*EXERCISE PROMPT*: Write out the data again in full, keeping every character the same.

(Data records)
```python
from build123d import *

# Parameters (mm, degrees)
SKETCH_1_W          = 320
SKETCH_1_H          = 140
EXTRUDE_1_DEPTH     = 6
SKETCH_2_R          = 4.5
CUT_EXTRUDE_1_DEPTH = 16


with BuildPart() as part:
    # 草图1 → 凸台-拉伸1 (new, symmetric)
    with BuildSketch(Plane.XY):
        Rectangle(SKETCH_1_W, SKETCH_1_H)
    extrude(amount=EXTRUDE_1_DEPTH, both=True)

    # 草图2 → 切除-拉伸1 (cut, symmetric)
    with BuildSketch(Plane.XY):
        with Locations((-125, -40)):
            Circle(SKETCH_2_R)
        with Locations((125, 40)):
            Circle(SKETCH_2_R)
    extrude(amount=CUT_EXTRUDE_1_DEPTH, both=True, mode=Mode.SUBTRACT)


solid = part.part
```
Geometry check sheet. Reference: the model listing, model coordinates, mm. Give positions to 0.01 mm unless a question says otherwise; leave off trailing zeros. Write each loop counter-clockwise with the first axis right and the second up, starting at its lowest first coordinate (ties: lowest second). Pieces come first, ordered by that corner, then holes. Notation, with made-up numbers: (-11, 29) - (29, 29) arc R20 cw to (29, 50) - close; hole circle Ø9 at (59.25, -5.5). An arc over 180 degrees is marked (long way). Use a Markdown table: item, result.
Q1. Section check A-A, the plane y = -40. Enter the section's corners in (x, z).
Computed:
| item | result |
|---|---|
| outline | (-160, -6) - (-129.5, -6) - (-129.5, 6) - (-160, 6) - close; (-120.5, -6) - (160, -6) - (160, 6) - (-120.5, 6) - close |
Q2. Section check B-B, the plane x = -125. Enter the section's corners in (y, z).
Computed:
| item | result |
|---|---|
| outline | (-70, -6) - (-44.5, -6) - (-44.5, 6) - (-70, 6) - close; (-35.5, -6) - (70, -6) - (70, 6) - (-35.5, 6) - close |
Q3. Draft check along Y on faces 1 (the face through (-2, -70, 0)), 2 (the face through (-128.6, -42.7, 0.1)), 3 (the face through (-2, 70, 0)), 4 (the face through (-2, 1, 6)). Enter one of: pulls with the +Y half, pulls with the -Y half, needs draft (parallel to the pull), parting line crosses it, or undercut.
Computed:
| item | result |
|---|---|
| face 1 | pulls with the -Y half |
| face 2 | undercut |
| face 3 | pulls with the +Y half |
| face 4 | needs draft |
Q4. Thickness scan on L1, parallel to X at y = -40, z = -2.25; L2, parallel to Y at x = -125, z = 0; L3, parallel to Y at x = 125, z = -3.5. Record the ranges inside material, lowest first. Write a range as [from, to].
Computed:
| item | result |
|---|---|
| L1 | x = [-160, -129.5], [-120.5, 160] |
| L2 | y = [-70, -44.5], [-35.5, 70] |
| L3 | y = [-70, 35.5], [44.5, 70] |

*RESPONSE TO THIS EXERCISE*:
```python
from build123d import *

# Parameters (mm, degrees)
SKETCH_1_W          = 320
SKETCH_1_H          = 140
EXTRUDE_1_DEPTH     = 6
SKETCH_2_R          = 4.5
CUT_EXTRUDE_1_DEPTH = 16


with BuildPart() as part:
    # 草图1 → 凸台-拉伸1 (new, symmetric)
    with BuildSketch(Plane.XY):
        Rectangle(SKETCH_1_W, SKETCH_1_H)
    extrude(amount=EXTRUDE_1_DEPTH, both=True)

    # 草图2 → 切除-拉伸1 (cut, symmetric)
    with BuildSketch(Plane.XY):
        with Locations((-125, -40)):
            Circle(SKETCH_2_R)
        with Locations((125, 40)):
            Circle(SKETCH_2_R)
    extrude(amount=CUT_EXTRUDE_1_DEPTH, both=True, mode=Mode.SUBTRACT)


solid = part.part
```
Geometry check sheet. Reference: the model listing, model coordinates, mm. Give positions to 0.01 mm unless a question says otherwise; leave off trailing zeros. Write each loop counter-clockwise with the first axis right and the second up, starting at its lowest first coordinate (ties: lowest second). Pieces come first, ordered by that corner, then holes. Notation, with made-up numbers: (-11, 29) - (29, 29) arc R20 cw to (29, 50) - close; hole circle Ø9 at (59.25, -5.5). An arc over 180 degrees is marked (long way). Use a Markdown table: item, result.
Q1. Section check A-A, the plane y = -40. Enter the section's corners in (x, z).
Computed:
| item | result |
|---|---|
| outline | (-160, -6) - (-129.5, -6) - (-129.5, 6) - (-160, 6) - close; (-120.5, -6) - (160, -6) - (160, 6) - (-120.5, 6) - close |
Q2. Section check B-B, the plane x = -125. Enter the section's corners in (y, z).
Computed:
| item | result |
|---|---|
| outline | (-70, -6) - (-44.5, -6) - (-44.5, 6) - (-70, 6) - close; (-35.5, -6) - (70, -6) - (70, 6) - (-35.5, 6) - close |
Q3. Draft check along Y on faces 1 (the face through (-2, -70, 0)), 2 (the face through (-128.6, -42.7, 0.1)), 3 (the face through (-2, 70, 0)), 4 (the face through (-2, 1, 6)). Enter one of: pulls with the +Y half, pulls with the -Y half, needs draft (parallel to the pull), parting line crosses it, or undercut.
Computed:
| item | result |
|---|---|
| face 1 | pulls with the -Y half |
| face 2 | undercut |
| face 3 | pulls with the +Y half |
| face 4 | needs draft |
Q4. Thickness scan on L1, parallel to X at y = -40, z = -2.25; L2, parallel to Y at x = -125, z = 0; L3, parallel to Y at x = 125, z = -3.5. Record the ranges inside material, lowest first. Write a range as [from, to].
Computed:
| item | result |
|---|---|
| L1 | x = [-160, -129.5], [-120.5, 160] |
| L2 | y = [-70, -44.5], [-35.5, 70] |
| L3 | y = [-70, 35.5], [44.5, 70] |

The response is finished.